» What the exercise asks: A copy is needed of each line in the records that has the word "IfcColumn".

Items listed in a dataset
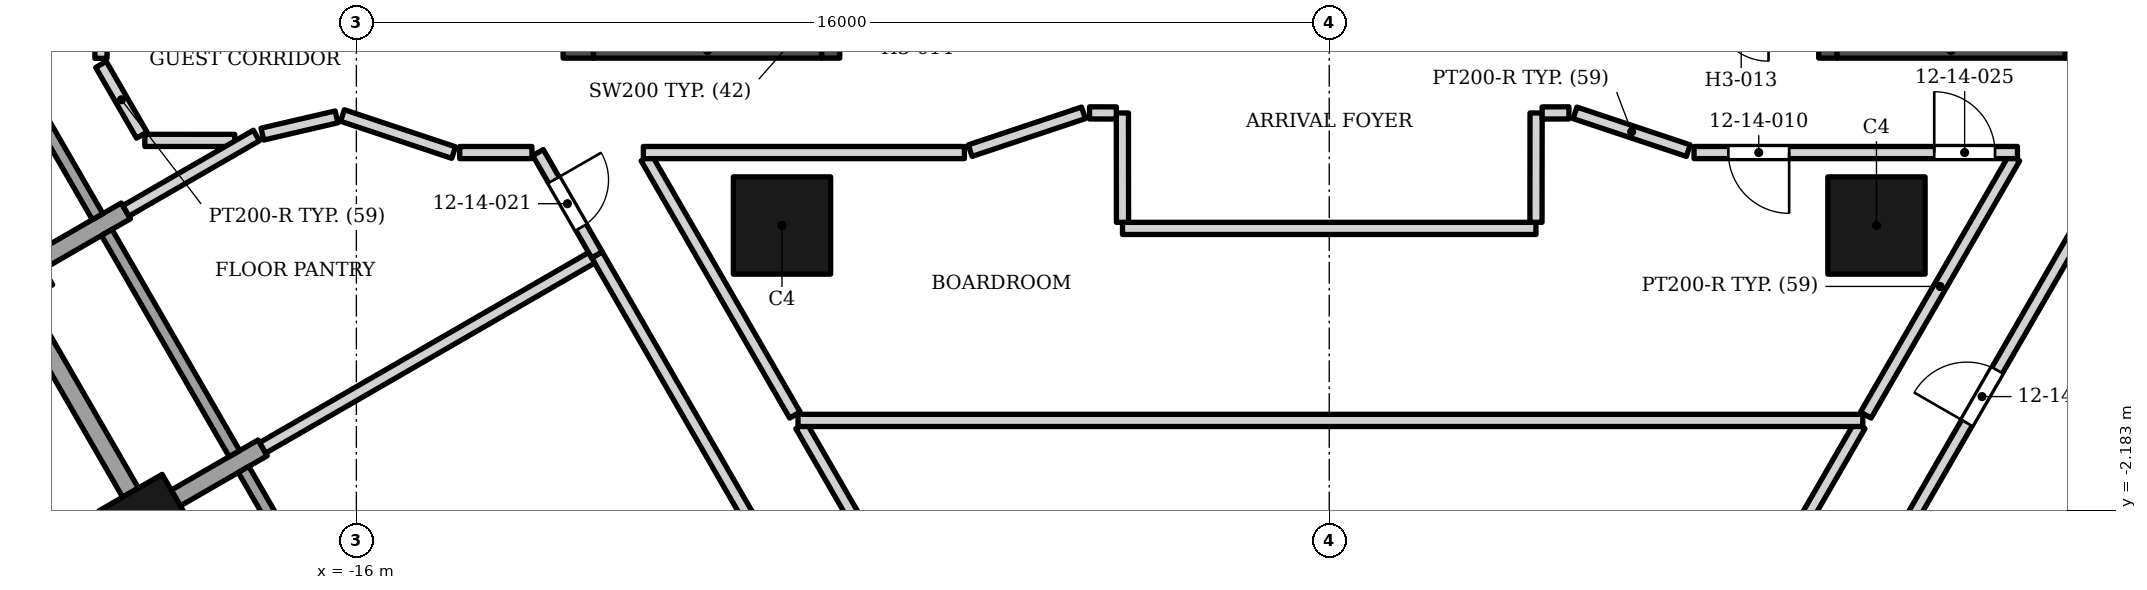
"""IFC4 building model, lengths in metres.
Left out: names, types, materials, properties, quantities, classifications, styles, units other than length and angle.
Written with IfcOpenShell. Run it as: python <this file> out.ifc"""

import sys

from ifc_helpers import new_model, si_unit, direction, frame, frame_2d, origin, origin_2d, place, context, subcontext, project, spatial, rectangle, extrude, element, fill, save


model = new_model("IFC4")
c1 = context("Model", 3, precision=1e-05, world=origin(), true_north=direction((0.0, 1.0)))
c2 = subcontext(c1, "Body", "Model", "MODEL_VIEW")
j1 = project(units=[si_unit("LENGTHUNIT", "METRE"), si_unit("PLANEANGLEUNIT", "RADIAN")], contexts=[c1])
p1 = place(None, origin())
s1 = spatial("IfcSite", under=j1, at=p1, CompositionType="ELEMENT")
p2 = place(p1, origin())
s2 = spatial("IfcBuilding", under=s1, at=p2, CompositionType="ELEMENT")
p3 = place(p2, frame((0.0, 0.0, 66.4)))
s3 = spatial("IfcBuildingStorey", under=s2, at=p3, CompositionType="ELEMENT", Elevation=66.4)
p4 = place(p3, frame((-12.35, 5.253, 0.0), z_axis=(0.0, 0.0, 1.0), x_axis=(0.0, 1.0, 0.0)))
e1 = element("IfcWall", 1, at=p4, inside=s3, PredefinedType="SHEAR", context=c2, shape_type="SweptSolid", body=[
    extrude(rectangle(XDim=13.3, YDim=0.5, at=frame_2d((6.65, 0.0))), origin(), (0.0, 0.0, 1.0), 3.4),
])
p5 = place(p3, frame((-8.2, 5.253, 0.0), z_axis=(0.0, 0.0, 1.0), x_axis=(0.0, 1.0, 0.0)))
e2 = element("IfcWall", 2, at=p5, inside=s3, PredefinedType="SHEAR", context=c2, shape_type="SweptSolid", body=[
    extrude(rectangle(XDim=13.3, YDim=0.3, at=frame_2d((6.65, 0.0))), origin(), (0.0, 0.0, 1.0), 3.4),
])
p6 = place(p5, frame((7.1, 0.0, 0.0)))
e3 = element("IfcOpeningElement", 3, at=p6, cuts=e2, PredefinedType="OPENING", context=c2, shape_type="SweptSolid", body=[
    extrude(rectangle(XDim=1.4, YDim=2.1, at=frame_2d((0.7, 1.05))), frame((0.0, 0.16, 0.0), z_axis=(0.0, -1.0, 0.0), x_axis=(1.0, 0.0, 0.0)), (0.0, 0.0, 1.0), 0.32),
])
p7 = place(p5, frame((5.05, 0.0, 0.0)))
e4 = element("IfcOpeningElement", 4, at=p7, cuts=e2, PredefinedType="OPENING", context=c2, shape_type="SweptSolid", body=[
    extrude(rectangle(XDim=1.4, YDim=2.1, at=frame_2d((0.7, 1.05))), frame((0.0, 0.16, 0.0), z_axis=(0.0, -1.0, 0.0), x_axis=(1.0, 0.0, 0.0)), (0.0, 0.0, 1.0), 0.32),
])
p8 = place(p3, frame((-12.1, 5.378, 0.0), z_axis=(0.0, 0.0, 1.0), x_axis=(1.0, 0.0, 0.0)))
e5 = element("IfcWall", 5, at=p8, inside=s3, PredefinedType="SHEAR", context=c2, shape_type="SweptSolid", body=[
    extrude(rectangle(XDim=3.75, YDim=0.25, at=frame_2d((1.875, 0.0))), origin(), (0.0, 0.0, 1.0), 3.4),
])
p9 = place(p3, frame((12.35, 5.253, 0.0), z_axis=(0.0, 0.0, 1.0), x_axis=(0.0, 1.0, 0.0)))
e6 = element("IfcWall", 6, at=p9, inside=s3, PredefinedType="SHEAR", context=c2, shape_type="SweptSolid", body=[
    extrude(rectangle(XDim=13.3, YDim=0.5, at=frame_2d((6.65, 0.0))), origin(), (0.0, 0.0, 1.0), 3.4),
])
p10 = place(p3, frame((8.2, 5.253, 0.0), z_axis=(0.0, 0.0, 1.0), x_axis=(0.0, 1.0, 0.0)))
e7 = element("IfcWall", 7, at=p10, inside=s3, PredefinedType="SHEAR", context=c2, shape_type="SweptSolid", body=[
    extrude(rectangle(XDim=13.3, YDim=0.3, at=frame_2d((6.65, 0.0))), origin(), (0.0, 0.0, 1.0), 3.4),
])
p11 = place(p10, frame((7.1, 0.0, 0.0)))
e8 = element("IfcOpeningElement", 8, at=p11, cuts=e7, PredefinedType="OPENING", context=c2, shape_type="SweptSolid", body=[
    extrude(rectangle(XDim=1.4, YDim=2.1, at=frame_2d((0.7, 1.05))), frame((0.0, 0.16, 0.0), z_axis=(0.0, -1.0, 0.0), x_axis=(1.0, 0.0, 0.0)), (0.0, 0.0, 1.0), 0.32),
])
p12 = place(p10, frame((5.05, 0.0, 0.0)))
e9 = element("IfcOpeningElement", 9, at=p12, cuts=e7, PredefinedType="OPENING", context=c2, shape_type="SweptSolid", body=[
    extrude(rectangle(XDim=1.4, YDim=2.1, at=frame_2d((0.7, 1.05))), frame((0.0, 0.16, 0.0), z_axis=(0.0, -1.0, 0.0), x_axis=(1.0, 0.0, 0.0)), (0.0, 0.0, 1.0), 0.32),
])
p13 = place(p3, frame((8.35, 5.378, 0.0), z_axis=(0.0, 0.0, 1.0), x_axis=(1.0, 0.0, 0.0)))
e10 = element("IfcWall", 10, at=p13, inside=s3, PredefinedType="SHEAR", context=c2, shape_type="SweptSolid", body=[
    extrude(rectangle(XDim=3.75, YDim=0.25, at=frame_2d((1.875, 0.0))), origin(), (0.0, 0.0, 1.0), 3.4),
])
for number, where, z_axis, x_axis in (
    (11, (-9.0, 2.5, 0.0), (0.0, 0.0, 1.0), (1.0, 0.0, 0.0)),
    (12, (9.0, 2.5, 0.0), (0.0, 0.0, 1.0), (1.0, 0.0, 0.0)),
):
    element("IfcColumn", number, at=place(p3, frame(where, z_axis=z_axis, x_axis=x_axis)), inside=s3, PredefinedType="COLUMN", context=c2, shape_type="SweptSolid", body=[
        extrude(rectangle(XDim=1.6, YDim=1.6, at=origin_2d()), origin(), (0.0, 0.0, 1.0), 3.4),
    ])
p14 = place(p3, frame((-19.489, -2.282, 0.0), z_axis=(0.0, 0.0, 1.0), x_axis=(0.5, -0.866025403784, 0.0)))
e13 = element("IfcColumn", 13, at=p14, inside=s3, PredefinedType="COLUMN", context=c2, shape_type="SweptSolid", body=[
    extrude(rectangle(XDim=0.9, YDim=1.2, at=origin_2d()), origin(), (0.0, 0.0, 1.0), 3.4),
])
p15 = place(p3, frame((-21.22, 1.916, 0.0), z_axis=(0.0, 0.0, 1.0), x_axis=(-0.866006032174, -0.500033551112, 0.0)))
e14 = element("IfcWall", 14, at=p15, inside=s3, PredefinedType="SOLIDWALL", context=c2, shape_type="SweptSolid", body=[
    extrude(rectangle(XDim=1.2, YDim=0.9, at=frame_2d((0.6, 0.0))), origin(), (0.0, 0.0, 1.0), 2.63),
])
for number, where, z_axis, x_axis in (
    (15, (-19.791, 2.74, 0.0), (0.0, 0.0, 1.0), (-0.866, -0.5, 0.0)),
    (16, (-17.541, -1.157, 0.0), (0.0, 0.0, 1.0), (-0.866, -0.5, 0.0)),
):
    element("IfcWall", number, at=place(p3, frame(where, z_axis=z_axis, x_axis=x_axis)), inside=s3, PredefinedType="SOLIDWALL", context=c2, shape_type="SweptSolid", body=[
        extrude(rectangle(XDim=1.65, YDim=0.3, at=frame_2d((0.825, 0.0))), origin(), (0.0, 0.0, 1.0), 2.65),
    ])
p16 = place(p3, frame((-22.355, 6.283, 0.0), z_axis=(0.0, 0.0, 1.0), x_axis=(0.49998411664, -0.866034573852, 0.0)))
e17 = element("IfcWall", 17, at=p16, inside=s3, PredefinedType="ELEMENTEDWALL", context=c2, shape_type="SweptSolid", body=[
    extrude(rectangle(XDim=4.2, YDim=0.2, at=frame_2d((2.1, 0.0))), origin(), (0.0, 0.0, 1.0), 2.45),
])
p17 = place(p3, frame((-21.514, 1.226, 0.0), z_axis=(0.0, 0.0, 1.0), x_axis=(0.500012057535, -0.866018442252, 0.0)))
e18 = element("IfcWall", 18, at=p17, inside=s3, PredefinedType="SOLIDWALL", context=c2, shape_type="SweptSolid", body=[
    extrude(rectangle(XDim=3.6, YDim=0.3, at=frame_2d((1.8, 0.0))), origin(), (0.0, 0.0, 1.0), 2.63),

» Written answer:
    element("IfcColumn", number, at=place(p3, frame(where, z_axis=z_axis, x_axis=x_axis)), inside=s3, PredefinedType="COLUMN", context=c2, shape_type="SweptSolid", body=[
e13 = element("IfcColumn", 13, at=p14, inside=s3, PredefinedType="COLUMN", context=c2, shape_type="SweptSolid", body=[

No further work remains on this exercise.